Assignment> Which lines in the records below mention the word "subcontext"? Copy each one out.

++++ Data provided

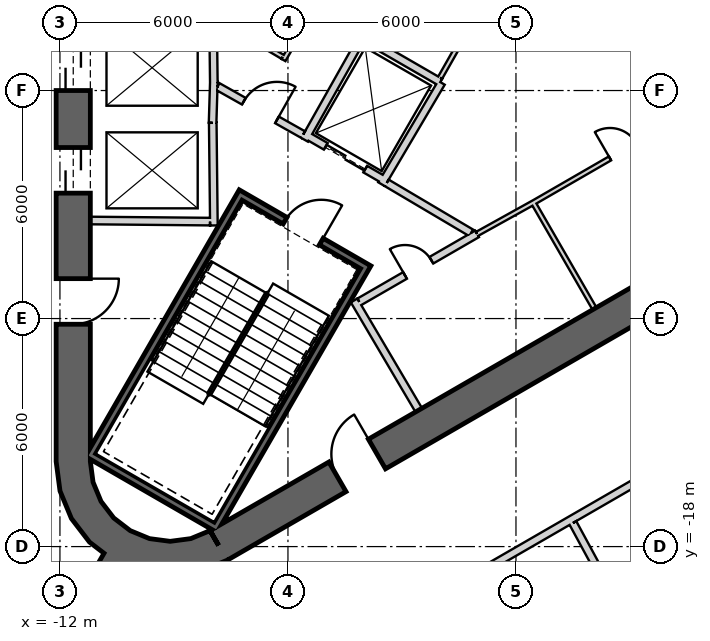
"""IFC4 building model, lengths in metres.
Left out: names, types, materials, properties, quantities, classifications, styles, units other than length and angle.
Written with IfcOpenShell. Run it as: python <this file> out.ifc"""

import sys

from ifc_helpers import new_model, si_unit, direction, frame, frame_2d, origin, place, context, subcontext, project, spatial, polyline, rectangle, outline, extrude, element, fill, save


model = new_model("IFC4")
c1 = context("Model", 3, precision=1e-05, world=origin(), true_north=direction((0.0, 1.0)))
c2 = subcontext(c1, "Body", "Model", "MODEL_VIEW")
j1 = project(units=[si_unit("LENGTHUNIT", "METRE"), si_unit("PLANEANGLEUNIT", "RADIAN")], contexts=[c1])
p1 = place(None, origin())
s1 = spatial("IfcSite", under=j1, at=p1, CompositionType="ELEMENT")
p2 = place(p1, origin())
s2 = spatial("IfcBuilding", under=s1, at=p2, CompositionType="ELEMENT")
p3 = place(p2, frame((0.0, 0.0, 322.1)))
s3 = spatial("IfcBuildingStorey", under=s2, at=p3, CompositionType="ELEMENT", Elevation=322.1)
p4 = place(p3, frame((-11.65, 15.762, 0.0), z_axis=(0.0, 0.0, 1.0), x_axis=(0.0, -1.0, 0.0)))
e1 = element("IfcWall", 1, at=p4, inside=s3, PredefinedType="SHEAR", context=c2, shape_type="SweptSolid", body=[
    extrude(rectangle(XDim=31.523, YDim=0.9, at=frame_2d((15.762, 0.0))), origin(), (0.0, 0.0, 1.0), 3.9),
])
p5 = place(p4, frame((7.062, 0.0, 0.0)))
e2 = element("IfcOpeningElement", 2, at=p5, cuts=e1, PredefinedType="OPENING", context=c2, shape_type="SweptSolid", body=[
    extrude(rectangle(XDim=1.2, YDim=2.4, at=frame_2d((0.6, 1.2))), frame((0.0, 0.46, 0.0), z_axis=(0.0, -1.0, 0.0), x_axis=(1.0, 0.0, 0.0)), (0.0, 0.0, 1.0), 0.92),
])
p6 = place(p4, frame((9.762, 0.0, 0.0)))
e3 = element("IfcOpeningElement", 3, at=p6, cuts=e1, PredefinedType="OPENING", context=c2, shape_type="SweptSolid", body=[
    extrude(rectangle(XDim=1.2, YDim=2.4, at=frame_2d((0.6, 1.2))), frame((0.0, 0.46, 0.0), z_axis=(0.0, -1.0, 0.0), x_axis=(1.0, 0.0, 0.0)), (0.0, 0.0, 1.0), 0.92),
])
p7 = place(p4, frame((12.462, 0.0, 0.0)))
e4 = element("IfcOpeningElement", 4, at=p7, cuts=e1, PredefinedType="OPENING", context=c2, shape_type="SweptSolid", body=[
    extrude(rectangle(XDim=1.2, YDim=2.4, at=frame_2d((0.6, 1.2))), frame((0.0, 0.46, 0.0), z_axis=(0.0, -1.0, 0.0), x_axis=(1.0, 0.0, 0.0)), (0.0, 0.0, 1.0), 0.92),
])
p8 = place(p4, frame((15.162, 0.0, 0.0)))
e5 = element("IfcOpeningElement", 5, at=p8, cuts=e1, PredefinedType="OPENING", context=c2, shape_type="SweptSolid", body=[
    extrude(rectangle(XDim=1.2, YDim=2.4, at=frame_2d((0.6, 1.2))), frame((0.0, 0.46, 0.0), z_axis=(0.0, -1.0, 0.0), x_axis=(1.0, 0.0, 0.0)), (0.0, 0.0, 1.0), 0.92),
])
p9 = place(p4, frame((17.862, 0.0, 0.0)))
e6 = element("IfcOpeningElement", 6, at=p9, cuts=e1, PredefinedType="OPENING", context=c2, shape_type="SweptSolid", body=[
    extrude(rectangle(XDim=1.2, YDim=2.4, at=frame_2d((0.6, 1.2))), frame((0.0, 0.46, 0.0), z_axis=(0.0, -1.0, 0.0), x_axis=(1.0, 0.0, 0.0)), (0.0, 0.0, 1.0), 0.92),
])
p10 = place(p4, frame((20.562, 0.0, 0.0)))
e7 = element("IfcOpeningElement", 7, at=p10, cuts=e1, PredefinedType="OPENING", context=c2, shape_type="SweptSolid", body=[
    extrude(rectangle(XDim=1.2, YDim=2.4, at=frame_2d((0.6, 1.2))), frame((0.0, 0.46, 0.0), z_axis=(0.0, -1.0, 0.0), x_axis=(1.0, 0.0, 0.0)), (0.0, 0.0, 1.0), 0.92),
])
p11 = place(p4, frame((23.262, 0.0, 0.0)))
e8 = element("IfcOpeningElement", 8, at=p11, cuts=e1, PredefinedType="OPENING", context=c2, shape_type="SweptSolid", body=[
    extrude(rectangle(XDim=1.2, YDim=2.4, at=frame_2d((0.6, 1.2))), frame((0.0, 0.46, 0.0), z_axis=(0.0, -1.0, 0.0), x_axis=(1.0, 0.0, 0.0)), (0.0, 0.0, 1.0), 0.92),
])
p12 = place(p4, frame((3.612, 0.0, 0.0)))
e9 = element("IfcOpeningElement", 9, at=p12, cuts=e1, PredefinedType="OPENING", context=c2, shape_type="SweptSolid", body=[
    extrude(rectangle(XDim=1.2, YDim=2.4, at=frame_2d((0.6, 1.2))), frame((0.0, 0.46, 0.0), z_axis=(0.0, -1.0, 0.0), x_axis=(1.0, 0.0, 0.0)), (0.0, 0.0, 1.0), 0.92),
])
p13 = place(p4, frame((26.712, 0.0, 0.0)))
e10 = element("IfcOpeningElement", 10, at=p13, cuts=e1, PredefinedType="OPENING", context=c2, shape_type="SweptSolid", body=[
    extrude(rectangle(XDim=1.2, YDim=2.4, at=frame_2d((0.6, 1.2))), frame((0.0, 0.46, 0.0), z_axis=(0.0, -1.0, 0.0), x_axis=(1.0, 0.0, 0.0)), (0.0, 0.0, 1.0), 0.92),
])
p14 = place(p3, frame((-7.825, -17.97, 0.0), z_axis=(0.0, 0.0, 1.0), x_axis=(0.866028369851, 0.499994862586, 0.0)))
e11 = element("IfcWall", 11, at=p14, inside=s3, PredefinedType="SHEAR", context=c2, shape_type="SweptSolid", body=[
    extrude(rectangle(XDim=31.523, YDim=0.9, at=frame_2d((15.762, 0.0))), origin(), (0.0, 0.0, 1.0), 3.9),
])
p15 = place(p14, frame((17.862, 0.0, 0.0)))
e12 = element("IfcOpeningElement", 12, at=p15, cuts=e11, PredefinedType="OPENING", context=c2, shape_type="SweptSolid", body=[
    extrude(rectangle(XDim=1.2, YDim=2.4, at=frame_2d((0.6, 1.2))), frame((0.0, 0.46, 0.0), z_axis=(0.0, -1.0, 0.0), x_axis=(1.0, 0.0, 0.0)), (0.0, 0.0, 1.0), 0.92),
])
p16 = place(p14, frame((20.562, 0.0, 0.0)))
e13 = element("IfcOpeningElement", 13, at=p16, cuts=e11, PredefinedType="OPENING", context=c2, shape_type="SweptSolid", body=[
    extrude(rectangle(XDim=1.2, YDim=2.4, at=frame_2d((0.6, 1.2))), frame((0.0, 0.46, 0.0), z_axis=(0.0, -1.0, 0.0), x_axis=(1.0, 0.0, 0.0)), (0.0, 0.0, 1.0), 0.92),
])
p17 = place(p14, frame((26.712, 0.0, 0.0)))
e14 = element("IfcOpeningElement", 14, at=p17, cuts=e11, PredefinedType="OPENING", context=c2, shape_type="SweptSolid", body=[
    extrude(rectangle(XDim=1.2, YDim=2.4, at=frame_2d((0.6, 1.2))), frame((0.0, 0.46, 0.0), z_axis=(0.0, -1.0, 0.0), x_axis=(1.0, 0.0, 0.0)), (0.0, 0.0, 1.0), 0.92),
])
p18 = place(p14, frame((3.612, 0.0, 0.0)))
e15 = element("IfcOpeningElement", 15, at=p18, cuts=e11, PredefinedType="OPENING", context=c2, shape_type="SweptSolid", body=[
    extrude(rectangle(XDim=1.2, YDim=2.4, at=frame_2d((0.6, 1.2))), frame((0.0, 0.46, 0.0), z_axis=(0.0, -1.0, 0.0), x_axis=(1.0, 0.0, 0.0)), (0.0, 0.0, 1.0), 0.92),
])
p19 = place(p3, origin())
e16 = element("IfcWall", 16, at=p19, inside=s3, PredefinedType="SHEAR", context=c2, shape_type="SweptSolid", body=[
    extrude(outline(polyline([(-12.1, -15.762), (-11.998, -16.538), (-11.698, -17.262), (-11.221, -17.883), (-10.6, -18.36), (-9.876, -18.659), (-9.1, -18.762), (-8.323, -18.659), (-7.6, -18.36), (-8.05, -17.58), (-8.556, -17.79), (-9.1, -17.862), (-9.644, -17.79), (-10.15, -17.58), (-10.585, -17.247), (-10.919, -16.812), (-11.128, -16.305), (-11.2, -15.762), (-12.1, -15.762)])), origin(), (0.0, 0.0, 1.0), 3.9),
])
p20 = place(p3, frame((-10.575, -18.316, 0.0), z_axis=(0.0, 0.0, 1.0), x_axis=(-0.499987805019, -0.866032444446, 0.0)))
e17 = element("IfcWall", 17, at=p20, inside=s3, PredefinedType="SHEAR", context=c2, shape_type="SweptSolid", body=[
    extrude(rectangle(XDim=8.787, YDim=0.6, at=frame_2d((4.394, 0.0))), origin(), (0.0, 0.0, 1.0), 3.9),
])
p21 = place(p20, frame((1.4, 0.0, 0.0)))
e18 = element("IfcOpeningElement", 18, at=p21, cuts=e17, PredefinedType="OPENING", context=c2, shape_type="SweptSolid", body=[
    extrude(rectangle(XDim=1.4, YDim=2.4, at=frame_2d((0.7, 1.2))), frame((0.0, 0.31, 0.0), z_axis=(0.0, -1.0, 0.0), x_axis=(1.0, 0.0, 0.0)), (0.0, 0.0, 1.0), 0.62),
])
p22 = place(p3, frame((-7.95, -5.772, 0.0), z_axis=(0.0, 0.0, 1.0), x_axis=(-0.030803413295, -0.999525462272, 0.0)))
e19 = element("IfcWall", 19, at=p22, inside=s3, PredefinedType="PLUMBINGWALL", context=c2, shape_type="SweptSolid", body=[
    extrude(rectangle(XDim=1.078, YDim=0.2, at=frame_2d((0.539, 0.0))), origin(), (0.0, 0.0, 1.0), 3.6),
])
p23 = place(p3, frame((-7.971, -4.05, 0.0), z_axis=(0.0, 0.0, 1.0), x_axis=(0.012042535896, -0.999927486035, 0.0)))
e20 = element("IfcWall", 20, at=p23, inside=s3, PredefinedType="PLUMBINGWALL", context=c2, shape_type="SweptSolid", body=[
    extrude(rectangle(XDim=1.845, YDim=0.2, at=frame_2d((0.922, 0.0))), origin(), (0.0, 0.0, 1.0), 3.6),
])
p24 = place(p3, frame((-7.979, -6.85, 0.0), z_axis=(0.0, 0.0, 1.0), x_axis=(0.011121475088, -0.999938154483, 0.0)))
e21 = element("IfcWall", 21, at=p24, inside=s3, PredefinedType="PLUMBINGWALL", context=c2, shape_type="SweptSolid", body=[
    extrude(rectangle(XDim=2.7, YDim=0.2, at=frame_2d((1.35, 0.0))), origin(), (0.0, 0.0, 1.0), 3.6),
])
p25 = place(p3, frame((-8.05, -9.449, 0.0), z_axis=(0.0, 0.0, 1.0), x_axis=(-0.999957467379, 0.009222983926, 0.0)))
e22 = element("IfcWall", 22, at=p25, inside=s3, PredefinedType="PLUMBINGWALL", context=c2, shape_type="SweptSolid", body=[
    extrude(rectangle(XDim=3.15, YDim=0.2, at=frame_2d((1.575, 0.0))), origin(), (0.0, 0.0, 1.0), 3.6),
])
p26 = place(p3, frame((-3.905, -10.563, -0.3), z_axis=(0.0, 0.0, 1.0), x_axis=(-0.500012932018, -0.866017937352, 0.0)))
e23 = element("IfcWall", 23, at=p26, inside=s3, PredefinedType="SHEAR", context=c2, shape_type="SweptSolid", body=[
    extrude(rectangle(XDim=8.1, YDim=0.2, at=frame_2d((4.05, 0.0))), origin(), (0.0, 0.0, 1.0), 3.9),
])
p27 = place(p3, frame((-11.282, -15.541, -0.3), z_axis=(0.0, 0.0, 1.0), x_axis=(0.866000483506, -0.500043160704, 0.0)))
e24 = element("IfcWall", 24, at=p27, inside=s3, PredefinedType="SHEAR", context=c2, shape_type="SweptSolid", body=[
    extrude(rectangle(XDim=3.8, YDim=0.2, at=frame_2d((1.9, 0.0))), origin(), (0.0, 0.0, 1.0), 3.9),
])
p28 = place(p3, frame((-7.196, -8.663, -0.3), z_axis=(0.0, 0.0, 1.0), x_axis=(-0.499997992926, -0.866026562566, 0.0)))
e25 = element("IfcWall", 25, at=p28, inside=s3, PredefinedType="SHEAR", context=c2, shape_type="SweptSolid", body=[
    extrude(rectangle(XDim=7.9, YDim=0.2, at=frame_2d((3.95, 0.0))), origin(), (0.0, 0.0, 1.0), 3.9),
])
p29 = place(p3, frame((-4.041, -10.599, -0.3), z_axis=(0.0, 0.0, 1.0), x_axis=(-0.866047807691, 0.499961193289, 0.0)))
e26 = element("IfcWall", 26, at=p29, inside=s3, PredefinedType="SHEAR", context=c2, shape_type="SweptSolid", body=[
    extrude(rectangle(XDim=3.6, YDim=0.2, at=frame_2d((1.8, 0.0))), origin(), (0.0, 0.0, 1.0), 3.9),
])
p30 = place(p29, frame((1.25, 0.0, 0.3)))
e27 = element("IfcOpeningElement", 27, at=p30, cuts=e26, PredefinedType="OPENING", context=c2, shape_type="SweptSolid", body=[
    extrude(rectangle(XDim=1.1, YDim=2.1, at=frame_2d((0.55, 1.05))), frame((0.0, 0.11, 0.0), z_axis=(0.0, -1.0, 0.0), x_axis=(1.0, 0.0, 0.0)), (0.0, 0.0, 1.0), 0.22),
])
p31 = place(p3, frame((-3.446, -8.368, 0.0), z_axis=(0.0, 0.0, 1.0), x_axis=(-0.866024647952, 0.500001309137, 0.0)))
e28 = element("IfcWall", 28, at=p31, inside=s3, PredefinedType="PLUMBINGWALL", context=c2, shape_type="SweptSolid", body=[
    extrude(rectangle(XDim=2.4, YDim=0.2, at=frame_2d((1.2, 0.0))), origin(), (0.0, 0.0, 1.0), 3.6),
])
p32 = place(p31, frame((0.6, 0.0, 0.0)))
e29 = element("IfcOpeningElement", 29, at=p32, cuts=e28, PredefinedType="OPENING", context=c2, shape_type="SweptSolid", body=[
    extrude(rectangle(XDim=1.2, YDim=2.4, at=frame_2d((0.6, 1.2))), frame((0.0, 0.11, 0.0), z_axis=(0.0, -1.0, 0.0), x_axis=(1.0, 0.0, 0.0)), (0.0, 0.0, 1.0), 0.22),
])
p33 = place(p3, frame((-1.961, -5.796, 0.0), z_axis=(0.0, 0.0, 1.0), x_axis=(-0.508647062354, -0.860975125052, 0.0)))
e30 = element("IfcWall", 30, at=p33, inside=s3, PredefinedType="PLUMBINGWALL", context=c2, shape_type="SweptSolid", body=[
    extrude(rectangle(XDim=3.1, YDim=0.2, at=frame_2d((1.55, 0.0))), origin(), (0.0, 0.0, 1.0), 3.6),
])
p34 = place(p3, frame((-3.99, -4.509, 0.0), z_axis=(0.0, 0.0, 1.0), x_axis=(-0.491358283181, -0.870957540612, 0.0)))
e31 = element("IfcWall", 31, at=p34, inside=s3, PredefinedType="PLUMBINGWALL", context=c2, shape_type="SweptSolid", body=[
    extrude(rectangle(XDim=3.2, YDim=0.2, at=frame_2d((1.6, 0.0))), origin(), (0.0, 0.0, 1.0), 3.6),
])
p35 = place(p3, frame((-3.953, -4.646, 0.0), z_axis=(0.0, 0.0, 1.0), x_axis=(0.866065302921, -0.4999308863, 0.0)))
e32 = element("IfcWall", 32, at=p35, inside=s3, PredefinedType="PLUMBINGWALL", context=c2, shape_type="SweptSolid", body=[
    extrude(rectangle(XDim=2.264, YDim=0.2, at=frame_2d((1.132, 0.0))), origin(), (0.0, 0.0, 1.0), 3.6),
])
p36 = place(p3, frame((2.067, -11.74, 0.0), z_axis=(0.0, 0.0, 1.0), x_axis=(-0.499984717929, 0.866034226713, 0.0)))
e33 = element("IfcWall", 33, at=p36, inside=s3, PredefinedType="PARTITIONING", context=c2, shape_type="SweptSolid", body=[
    extrude(rectangle(XDim=3.25, YDim=0.12, at=frame_2d((1.625, 0.0))), origin(), (0.0, 0.0, 1.0), 3.6),
])
p37 = place(p3, frame((-4.26, -11.524, 0.0), z_axis=(0.0, 0.0, 1.0), x_axis=(0.507997497166, -0.861358544901, 0.0)))
e34 = element("IfcWall", 34, at=p37, inside=s3, PredefinedType="PARTITIONING", context=c2, shape_type="SweptSolid", body=[
    extrude(rectangle(XDim=3.35, YDim=0.2, at=frame_2d((1.675, 0.0))), origin(), (0.0, 0.0, 1.0), 3.6),
])
p38 = place(p3, frame((-1.024, -9.771, 0.0), z_axis=(0.0, 0.0, 1.0), x_axis=(-0.866029903013, -0.499992207027, 0.0)))
e35 = element("IfcWall", 35, at=p38, inside=s3, PredefinedType="PARTITIONING", context=c2, shape_type="SweptSolid", body=[
    extrude(rectangle(XDim=3.578, YDim=0.2, at=frame_2d((1.789, 0.0))), origin(), (0.0, 0.0, 1.0), 3.6),
])
p39 = place(p38, frame((1.389, 0.0, 0.0)))
e36 = element("IfcOpeningElement", 36, at=p39, cuts=e35, PredefinedType="OPENING", context=c2, shape_type="SweptSolid", body=[
    extrude(rectangle(XDim=0.8, YDim=2.1, at=frame_2d((0.4, 1.05))), frame((0.0, 0.11, 0.0), z_axis=(0.0, -1.0, 0.0), x_axis=(1.0, 0.0, 0.0)), (0.0, 0.0, 1.0), 0.22),
])
p40 = place(p3, frame((-1.023, -9.772, 0.0), z_axis=(0.0, 0.0, 1.0), x_axis=(0.874290944206, 0.485402250592, 0.0)))
e37 = element("IfcWall", 37, at=p40, inside=s3, PredefinedType="PARTITIONING", context=c2, shape_type="SweptSolid", body=[
    extrude(rectangle(XDim=1.723, YDim=0.12, at=frame_2d((0.861, 0.0))), origin(), (0.0, 0.0, 1.0), 3.6),
])
p41 = place(p3, frame((0.483, -8.936, 0.0), z_axis=(0.0, 0.0, 1.0), x_axis=(0.866028230842, 0.499995103361, 0.0)))
e38 = element("IfcWall", 38, at=p41, inside=s3, PredefinedType="PARTITIONING", context=c2, shape_type="SweptSolid", body=[
    extrude(rectangle(XDim=5.4, YDim=0.12, at=frame_2d((2.7, 0.0))), origin(), (0.0, 0.0, 1.0), 3.6),
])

++++++++

Expected answer>
from ifc_helpers import new_model, si_unit, direction, frame, frame_2d, origin, place, context, subcontext, project, spatial, polyline, rectangle, outline, extrude, element, fill, save
c2 = subcontext(c1, "Body", "Model", "MODEL_VIEW")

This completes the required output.